WHAT THIS TASK INVOLVES:
Scan the entries below for the word "import" and copy every line in which it occurs.

** Opening AVAILABLE DATA block **

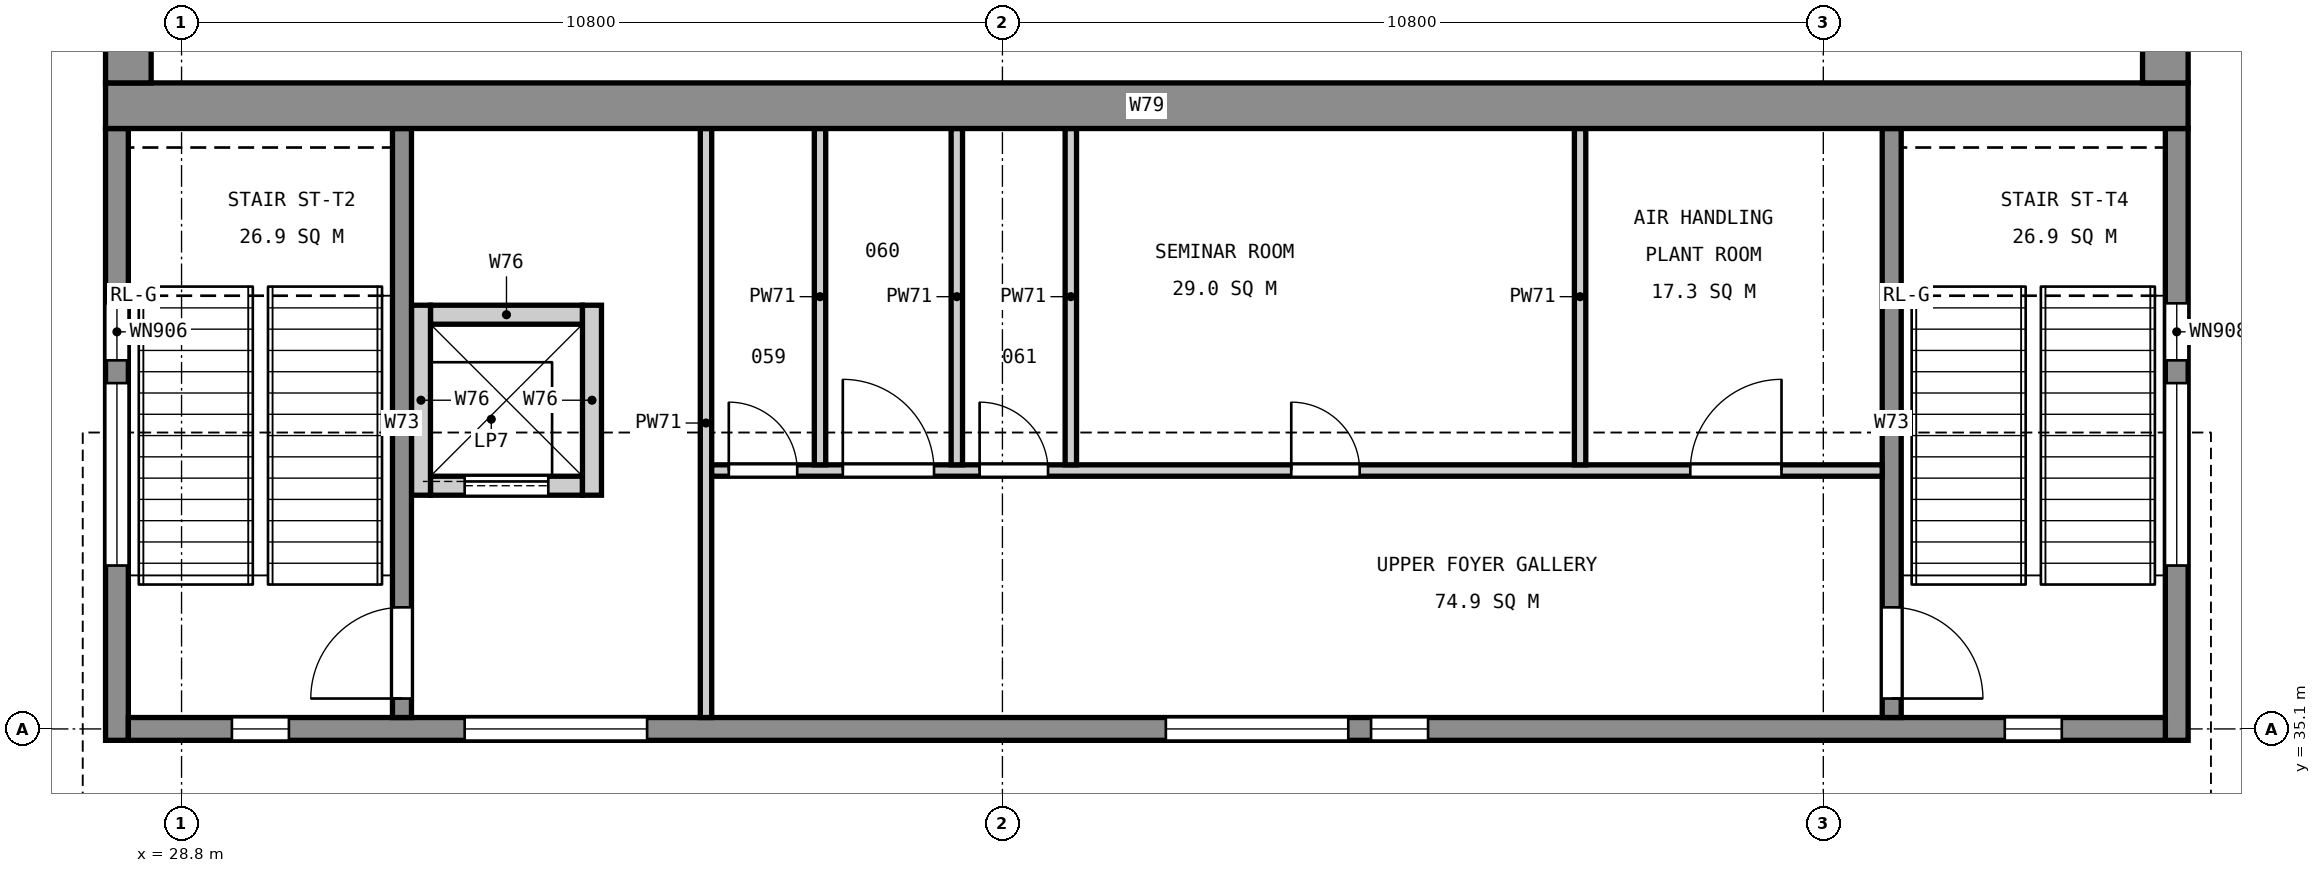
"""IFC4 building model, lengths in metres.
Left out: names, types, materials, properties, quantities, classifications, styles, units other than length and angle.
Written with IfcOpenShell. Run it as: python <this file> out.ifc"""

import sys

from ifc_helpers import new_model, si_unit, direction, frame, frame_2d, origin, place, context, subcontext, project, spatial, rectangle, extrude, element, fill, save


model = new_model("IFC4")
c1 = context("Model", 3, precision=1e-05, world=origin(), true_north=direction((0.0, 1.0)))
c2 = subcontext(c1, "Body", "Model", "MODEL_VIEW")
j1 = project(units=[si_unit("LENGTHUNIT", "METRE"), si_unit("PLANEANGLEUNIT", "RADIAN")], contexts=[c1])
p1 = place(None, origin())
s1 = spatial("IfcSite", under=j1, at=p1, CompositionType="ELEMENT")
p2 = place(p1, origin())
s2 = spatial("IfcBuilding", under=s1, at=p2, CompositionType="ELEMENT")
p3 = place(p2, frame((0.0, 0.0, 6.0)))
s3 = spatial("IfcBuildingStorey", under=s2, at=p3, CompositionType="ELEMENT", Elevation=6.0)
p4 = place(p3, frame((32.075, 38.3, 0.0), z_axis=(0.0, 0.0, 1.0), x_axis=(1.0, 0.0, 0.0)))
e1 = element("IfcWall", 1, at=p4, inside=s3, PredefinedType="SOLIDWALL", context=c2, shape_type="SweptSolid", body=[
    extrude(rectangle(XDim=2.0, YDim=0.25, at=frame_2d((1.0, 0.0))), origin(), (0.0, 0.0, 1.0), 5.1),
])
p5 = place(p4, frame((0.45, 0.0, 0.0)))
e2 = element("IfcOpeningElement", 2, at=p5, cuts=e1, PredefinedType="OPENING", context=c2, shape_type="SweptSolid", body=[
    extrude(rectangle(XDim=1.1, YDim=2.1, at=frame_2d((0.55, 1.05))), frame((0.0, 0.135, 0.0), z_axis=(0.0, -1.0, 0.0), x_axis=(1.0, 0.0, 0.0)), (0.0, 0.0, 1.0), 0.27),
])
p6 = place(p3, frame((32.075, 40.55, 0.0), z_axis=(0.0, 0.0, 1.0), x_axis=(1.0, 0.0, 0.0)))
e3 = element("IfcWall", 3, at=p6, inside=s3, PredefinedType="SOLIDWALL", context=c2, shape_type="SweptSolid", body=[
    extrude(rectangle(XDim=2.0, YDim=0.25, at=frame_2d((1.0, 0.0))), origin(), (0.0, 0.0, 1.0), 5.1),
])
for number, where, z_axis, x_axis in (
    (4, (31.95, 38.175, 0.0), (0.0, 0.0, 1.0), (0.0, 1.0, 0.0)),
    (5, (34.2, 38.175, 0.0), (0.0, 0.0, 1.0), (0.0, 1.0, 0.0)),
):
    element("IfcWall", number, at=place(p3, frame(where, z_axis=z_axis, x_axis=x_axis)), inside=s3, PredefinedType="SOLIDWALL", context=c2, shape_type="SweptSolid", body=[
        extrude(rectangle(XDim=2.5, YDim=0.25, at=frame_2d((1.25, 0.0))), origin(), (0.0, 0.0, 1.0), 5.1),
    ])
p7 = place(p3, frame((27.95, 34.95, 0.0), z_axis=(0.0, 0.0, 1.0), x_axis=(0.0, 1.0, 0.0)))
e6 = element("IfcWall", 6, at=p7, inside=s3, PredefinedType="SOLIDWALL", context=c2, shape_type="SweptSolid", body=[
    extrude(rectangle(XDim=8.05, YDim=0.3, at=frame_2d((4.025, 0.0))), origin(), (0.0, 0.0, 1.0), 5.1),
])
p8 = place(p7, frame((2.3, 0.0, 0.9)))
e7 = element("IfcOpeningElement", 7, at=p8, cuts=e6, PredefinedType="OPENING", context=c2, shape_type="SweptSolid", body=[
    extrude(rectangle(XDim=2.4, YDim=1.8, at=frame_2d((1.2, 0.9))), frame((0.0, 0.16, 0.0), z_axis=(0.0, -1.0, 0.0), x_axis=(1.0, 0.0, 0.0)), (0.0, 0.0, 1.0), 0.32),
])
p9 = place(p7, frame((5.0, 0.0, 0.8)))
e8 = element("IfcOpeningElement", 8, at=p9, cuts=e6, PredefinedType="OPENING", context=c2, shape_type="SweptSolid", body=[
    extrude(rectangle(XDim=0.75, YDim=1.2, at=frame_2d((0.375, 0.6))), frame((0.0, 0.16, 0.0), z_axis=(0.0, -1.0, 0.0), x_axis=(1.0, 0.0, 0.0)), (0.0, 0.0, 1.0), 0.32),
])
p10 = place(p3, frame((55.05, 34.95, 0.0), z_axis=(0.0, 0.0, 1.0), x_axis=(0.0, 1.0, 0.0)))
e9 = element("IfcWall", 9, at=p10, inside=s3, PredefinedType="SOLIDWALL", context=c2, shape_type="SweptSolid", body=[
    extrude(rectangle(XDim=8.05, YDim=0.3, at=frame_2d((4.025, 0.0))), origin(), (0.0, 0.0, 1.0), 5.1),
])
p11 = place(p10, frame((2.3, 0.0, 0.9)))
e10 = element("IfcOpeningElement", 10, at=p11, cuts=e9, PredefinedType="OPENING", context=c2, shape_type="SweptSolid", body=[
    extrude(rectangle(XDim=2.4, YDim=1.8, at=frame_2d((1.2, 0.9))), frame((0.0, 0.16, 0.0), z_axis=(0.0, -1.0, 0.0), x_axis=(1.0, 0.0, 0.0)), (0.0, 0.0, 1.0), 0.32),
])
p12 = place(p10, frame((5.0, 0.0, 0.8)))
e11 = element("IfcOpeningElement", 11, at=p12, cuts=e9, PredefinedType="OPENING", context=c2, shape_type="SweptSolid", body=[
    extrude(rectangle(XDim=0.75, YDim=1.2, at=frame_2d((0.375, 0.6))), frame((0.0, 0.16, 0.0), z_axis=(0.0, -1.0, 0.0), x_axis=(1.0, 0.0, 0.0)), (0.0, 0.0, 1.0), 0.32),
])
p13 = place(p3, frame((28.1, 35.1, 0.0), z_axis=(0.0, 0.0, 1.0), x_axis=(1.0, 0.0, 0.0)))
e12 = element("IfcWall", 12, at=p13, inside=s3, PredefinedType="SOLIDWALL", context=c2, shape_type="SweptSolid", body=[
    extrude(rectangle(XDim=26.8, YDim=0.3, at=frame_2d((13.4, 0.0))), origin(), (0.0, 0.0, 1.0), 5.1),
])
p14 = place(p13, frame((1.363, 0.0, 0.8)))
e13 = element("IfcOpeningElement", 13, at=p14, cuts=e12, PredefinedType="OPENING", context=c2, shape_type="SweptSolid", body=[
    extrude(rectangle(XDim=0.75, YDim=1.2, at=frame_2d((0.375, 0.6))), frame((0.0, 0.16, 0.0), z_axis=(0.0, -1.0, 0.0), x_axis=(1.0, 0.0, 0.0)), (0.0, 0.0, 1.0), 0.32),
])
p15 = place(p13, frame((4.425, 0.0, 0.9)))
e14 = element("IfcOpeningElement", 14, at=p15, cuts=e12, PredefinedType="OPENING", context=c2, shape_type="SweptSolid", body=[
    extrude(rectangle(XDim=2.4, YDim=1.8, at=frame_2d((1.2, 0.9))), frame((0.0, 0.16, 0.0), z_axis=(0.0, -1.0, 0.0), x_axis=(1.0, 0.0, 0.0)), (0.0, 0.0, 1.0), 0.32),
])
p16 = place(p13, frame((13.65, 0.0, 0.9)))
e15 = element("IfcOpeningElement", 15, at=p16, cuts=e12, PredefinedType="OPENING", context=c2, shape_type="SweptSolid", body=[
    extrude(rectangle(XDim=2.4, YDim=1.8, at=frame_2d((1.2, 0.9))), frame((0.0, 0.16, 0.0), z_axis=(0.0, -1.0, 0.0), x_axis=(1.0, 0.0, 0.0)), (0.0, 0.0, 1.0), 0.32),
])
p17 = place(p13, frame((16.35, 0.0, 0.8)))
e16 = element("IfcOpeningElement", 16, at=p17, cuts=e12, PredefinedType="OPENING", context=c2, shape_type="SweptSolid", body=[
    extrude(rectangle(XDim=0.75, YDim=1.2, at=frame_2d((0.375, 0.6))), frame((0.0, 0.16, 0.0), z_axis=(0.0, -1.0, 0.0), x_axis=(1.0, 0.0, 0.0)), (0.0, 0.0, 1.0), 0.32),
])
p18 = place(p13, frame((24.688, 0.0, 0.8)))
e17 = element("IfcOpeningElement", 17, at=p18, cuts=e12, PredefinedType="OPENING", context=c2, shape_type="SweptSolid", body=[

** Closing AVAILABLE DATA block **

TASK RESPONSE:
import sys
from ifc_helpers import new_model, si_unit, direction, frame, frame_2d, origin, place, context, subcontext, project, spatial, rectangle, extrude, element, fill, save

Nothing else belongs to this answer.